Find every line in the records below that contains "Locations", and copy it.

[Data extracted from a collection]
• • • • • • •
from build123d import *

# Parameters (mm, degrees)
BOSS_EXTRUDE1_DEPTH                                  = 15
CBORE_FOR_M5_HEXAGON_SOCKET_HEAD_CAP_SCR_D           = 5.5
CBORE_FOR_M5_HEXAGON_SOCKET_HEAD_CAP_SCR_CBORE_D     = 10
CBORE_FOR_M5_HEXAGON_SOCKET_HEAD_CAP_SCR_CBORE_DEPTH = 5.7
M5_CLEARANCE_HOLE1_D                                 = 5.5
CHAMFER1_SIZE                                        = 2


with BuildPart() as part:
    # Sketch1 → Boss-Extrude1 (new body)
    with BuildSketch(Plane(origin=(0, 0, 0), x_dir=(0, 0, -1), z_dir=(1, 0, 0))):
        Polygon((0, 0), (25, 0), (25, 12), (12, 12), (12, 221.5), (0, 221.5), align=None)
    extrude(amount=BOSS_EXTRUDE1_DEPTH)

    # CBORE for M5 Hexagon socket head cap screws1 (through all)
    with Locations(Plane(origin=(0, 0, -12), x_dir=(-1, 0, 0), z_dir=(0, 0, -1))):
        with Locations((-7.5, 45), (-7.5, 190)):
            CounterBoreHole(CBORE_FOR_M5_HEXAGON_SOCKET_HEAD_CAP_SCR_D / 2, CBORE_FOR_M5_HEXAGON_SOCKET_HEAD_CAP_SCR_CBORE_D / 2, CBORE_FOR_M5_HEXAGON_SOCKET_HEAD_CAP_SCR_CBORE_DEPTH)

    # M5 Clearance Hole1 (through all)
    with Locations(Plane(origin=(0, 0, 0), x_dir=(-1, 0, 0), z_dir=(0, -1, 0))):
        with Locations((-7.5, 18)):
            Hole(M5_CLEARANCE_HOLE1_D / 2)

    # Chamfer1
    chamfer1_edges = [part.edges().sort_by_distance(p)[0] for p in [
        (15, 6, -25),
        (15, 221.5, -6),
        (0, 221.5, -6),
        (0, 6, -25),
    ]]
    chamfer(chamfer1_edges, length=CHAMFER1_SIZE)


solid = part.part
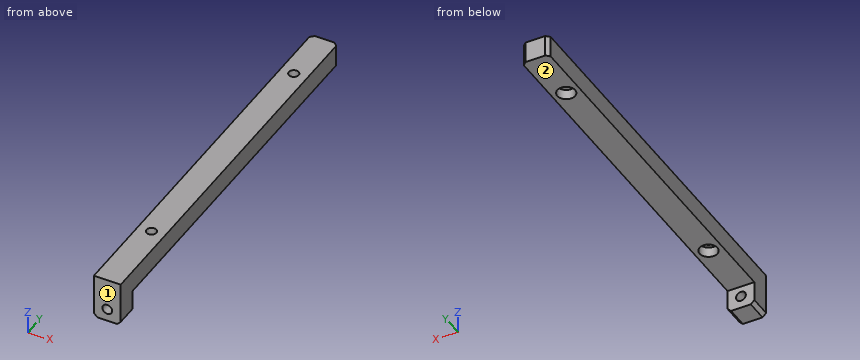
CAD build for the part. Positions are in the model's coordinates, mm. Face numbers are marked on the shaded views. A direction names the side the tool comes from. Coordinates: 2 decimals unless noted, no trailing zeros. Write each loop counter-clockwise with the first axis right and the second up, starting at its lowest first coordinate (ties: lowest second). Pieces come first, ordered by that corner, then holes. Notation, with made-up numbers: (30.25, 33.25) - (55.25, 33.25) arc R23 ccw to (55.25, 46.25) - close; hole circle Ø7 at (42, -31). An arc over 180 degrees is marked (long way). Use a Markdown table: item, result. Add a question column.
Item 1: 3-axis set-ups, long thin cutter, end or side, ignore diameter. For the marked faces 1 and 2: which of +Z, -Z, +X, -X, +Y, -Y reach the whole face in a straight line?
Item 2: Band-saw the part on B-B, the plane x = 7.5. Give the cut face in (y, z).
Item 3: Band-saw the part on D-D, the plane z = -18. Give the cut face in (x, y), and give its area (3 significant figures).
Item 4: Band-saw the part on C-C, the plane y = 190. Give the cut face in (x, z).
Item 5: Drill centre lines: L1, parallel to Y at x = 7.5, z = -8.2; L2, parallel to Y at x = 7.5, z = -5; L3, parallel to X at y = 9.5, z = -18. Where is each one in solid material? Low to high. Write a range as from..to.
Item 6: Flat gauge pins, fed straight in: pin 1 (4 mm diameter, centred on x = 4.5, z = -17, fed in from -Y); pin 2 (8 mm diameter, centred on x = 6.5, y = 188, fed in from -Z); pin 3 (3 mm diameter, centred on x = 7.5, z = -14.5, fed in from +Y); pin 4 (3 mm diameter, centred on x = 5, y = 47, fed in from -Z). Where does each tip first touch, or does it go through?
Item 7: Band-saw the part on A-A, the plane z = -3.5. Give the cut face in (x, y).
Numbers:
| question | item | result |
|---|---|---|
| 1 | face 1 | +Z, -Z, +X, -X, -Y |
| 1 | face 2 | -Z, +X, -X, +Y |
| 2 | outline | (0, -25) - (12, -25) - (12, -20.75) - (0, -20.75) - close; (0, -15.25) - (12, -15.25) - (12, -12) - (40, -12) - (40, -6.3) - (42.25, -6.3) - (42.25, 0) - (0, 0) - close; (47.75, -6.3) - (50, -6.3) - (50, -12) - (185, -12) - (185, -6.3) - (187.25, -6.3) - (187.25, 0) - (47.75, 0) - close; (192.75, -6.3) - (195, -6.3) - (195, -12) - (221.5, -12) - (221.5, 0) - (192.75, 0) - close |
| 3 | outline | (0, 0) - (4.75, 0) - (4.75, 12) - (0, 12) - close; (10.25, 0) - (15, 0) - (15, 12) - (10.25, 12) - close |
| 3 | area | 114 mm2 |
| 4 | outline | (0, -12) - (2.5, -12) - (2.5, -6.3) - (4.75, -6.3) - (4.75, 0) - (0, 0) - close; (10.25, -6.3) - (12.5, -6.3) - (12.5, -12) - (15, -12) - (15, 0) - (10.25, 0) - close |
| 5 | L1 | 0..40, 50..185, 195..221.5 |
| 5 | L2 | 0..42.25, 47.75..187.25, 192.75..221.5 |
| 5 | L3 | 0..4.75, 10.25..15 |
| 6 | pin 1 | y = 0 |
| 6 | pin 2 | z = -12 |
| 6 | pin 3 | y = 12 |
| 6 | pin 4 | z = -6.3 |
| 7 | outline | (0, 0) - (15, 0) - (15, 219.5) - (13, 221.5) - (2, 221.5) - (0, 219.5) - close; hole circle Ø5.5 at (7.5, 45); hole circle Ø5.5 at (7.5, 190) |
Design review of the part built by this model. Coordinates are the model's own, in mm. A direction names the side the tool comes from. Coordinates: 2 decimals unless noted, no trailing zeros. Loops run counter-clockwise (first coordinate to the right, second up) from the corner with the lowest first, then second, coordinate; pieces in that order, holes last. Notation, with made-up numbers: (83, 29.25) -> (121, 29.25) arc R23 cw to (121, 64.25) -> close; hole circle Ø6 at (43, 77.5). An arc over 180 degrees is marked (long way). Use CSV: the item, a comma, the result in double quotes.
```python
from build123d import *

# Parameters (mm, degrees)
BOSS_EXTRUDE1_DEPTH = 5
SKETCH2_W           = 20
SKETCH2_H           = 160
CUT_EXTRUDE1_DEPTH  = 10


with BuildPart() as part:
    # Sketch1 → Boss-Extrude1 (new, symmetric)
    with BuildSketch(Plane.XY):
        with BuildLine():
            Line((-63.274211694, 196.041766301), (-20, 40))
            Line((-20, 40), (-20, 30))
            Line((-20, 30), (20, 30))
            Line((20, 30), (20, 40))
            Line((20, 40), (63.274211694, 196.041766301))
            ThreePointArc((63.274211694, 196.041766301), (0, 206), (-63.274211694, 196.041766301))
        make_face()
    extrude(amount=BOSS_EXTRUDE1_DEPTH, both=True)

    # Sketch2 → Cut-Extrude1 (cut)
    with BuildSketch(Plane.XY.offset(5)):
        with Locations((0, 30)):
            Rectangle(SKETCH2_W, SKETCH2_H)
    extrude(amount=-CUT_EXTRUDE1_DEPTH, mode=Mode.SUBTRACT)


solid = part.part
```
Item 1: Draft analysis for pull direction X (two halves, no side actions). For faces 1 (the face through (41.334, 116.929, 0.07)), 2 (the face through (-10, 69, 0)), 3 (the face through (-41.94, 119.11, 0.07)), state which applies: pulls with the +X half, pulls with the -X half, needs draft (parallel to the pull), parting line crosses it, or undercut.
Checked values:
face 1,"pulls with the +X half"
face 2,"undercut"
face 3,"pulls with the -X half"
Item 2: Add section A-A (z = -1.25). Give the boundary of the cut face in (x, y).
Checked values:
outline,"(-63.27, 196.04) -> (-20, 40) -> (-20, 30) -> (-10, 30) -> (-10, 110) -> (10, 110) -> (10, 30) -> (20, 30) -> (20, 40) -> (63.27, 196.04) arc R206 ccw to start"
Item 3: Add section C-C (x = -7). Give the boundary of the cut face in (y, z).
Checked values:
outline,"(110, -5) -> (205.88, -5) -> (205.88, 5) -> (110, 5) -> close"
Item 4: Machinability: for faces 4 (the face through (20, 35, 0)), 5 (the face through (-20, 35, 0)), 6 (the face through (0, 110, 0)), 7 (the face through (15, 30, 0)), which of the approach directions +Z, -Z, +X, -X, +Y, -Y give a long, thin tool a straight path to every point of the face, cutting with its end or side? Answer none if there is none.
Checked values:
face 4,"+Z, -Z, +X, -Y"
face 5,"+Z, -Z, -X, -Y"
face 6,"+Z, -Z, -Y"
face 7,"+Z, -Z, +X, -X, -Y"
Item 5: Add section B-B (y = 96.5). Give the boundary of the cut face in (x, z), then the cut area to 3 significant figures.
Checked values:
outline,"(-35.67, -5) -> (-10, -5) -> (-10, 5) -> (-35.67, 5) -> close; (10, -5) -> (35.67, -5) -> (35.67, 5) -> (10, 5) -> close"
area,"513 mm^2"
Item 6: Add section D-D (y = 143). Give the boundary of the cut face in (x, z).
Checked values:
outline,"(-48.56, -5) -> (48.56, -5) -> (48.56, 5) -> (-48.56, 5) -> close"
Item 7: To check wall thickness, follow line 1 along X through (y, z) = (94, -3.25); line 2 along X through (y, z) = (52.5, 2); line 3 along X through (y, z) = (134, -1.25). State the ranges of each line that lie inside material, in increasing order.
Checked values:
line 1,"-34.98 to -10, 10 to 34.98"
line 2,"-23.47 to -10, 10 to 23.47"
line 3,"-46.07 to 46.07"
Item 8: Clearance check with flat-ended pins moving along their axes: pin 1 (1 mm diameter, centred on x = -17.5, z = -4, fed in from +Y); pin 2 (3 mm diameter, centred on x = 4.5, z = -2.5, fed in from -Y); pin 3 (2 mm diameter, centred on y = 91, z = 1.5, fed in from +X). State where each tip first meets the part, or that it passes through.
Checked values:
pin 1,"y = 205.3"
pin 2,"y = 110"
pin 3,"x = 34.42"
• • • • • • •
Answer below:
    with Locations(Plane(origin=(0, 0, -12), x_dir=(-1, 0, 0), z_dir=(0, 0, -1))):
        with Locations((-7.5, 45), (-7.5, 190)):
    with Locations(Plane(origin=(0, 0, 0), x_dir=(-1, 0, 0), z_dir=(0, -1, 0))):
        with Locations((-7.5, 18)):
        with Locations((0, 30)):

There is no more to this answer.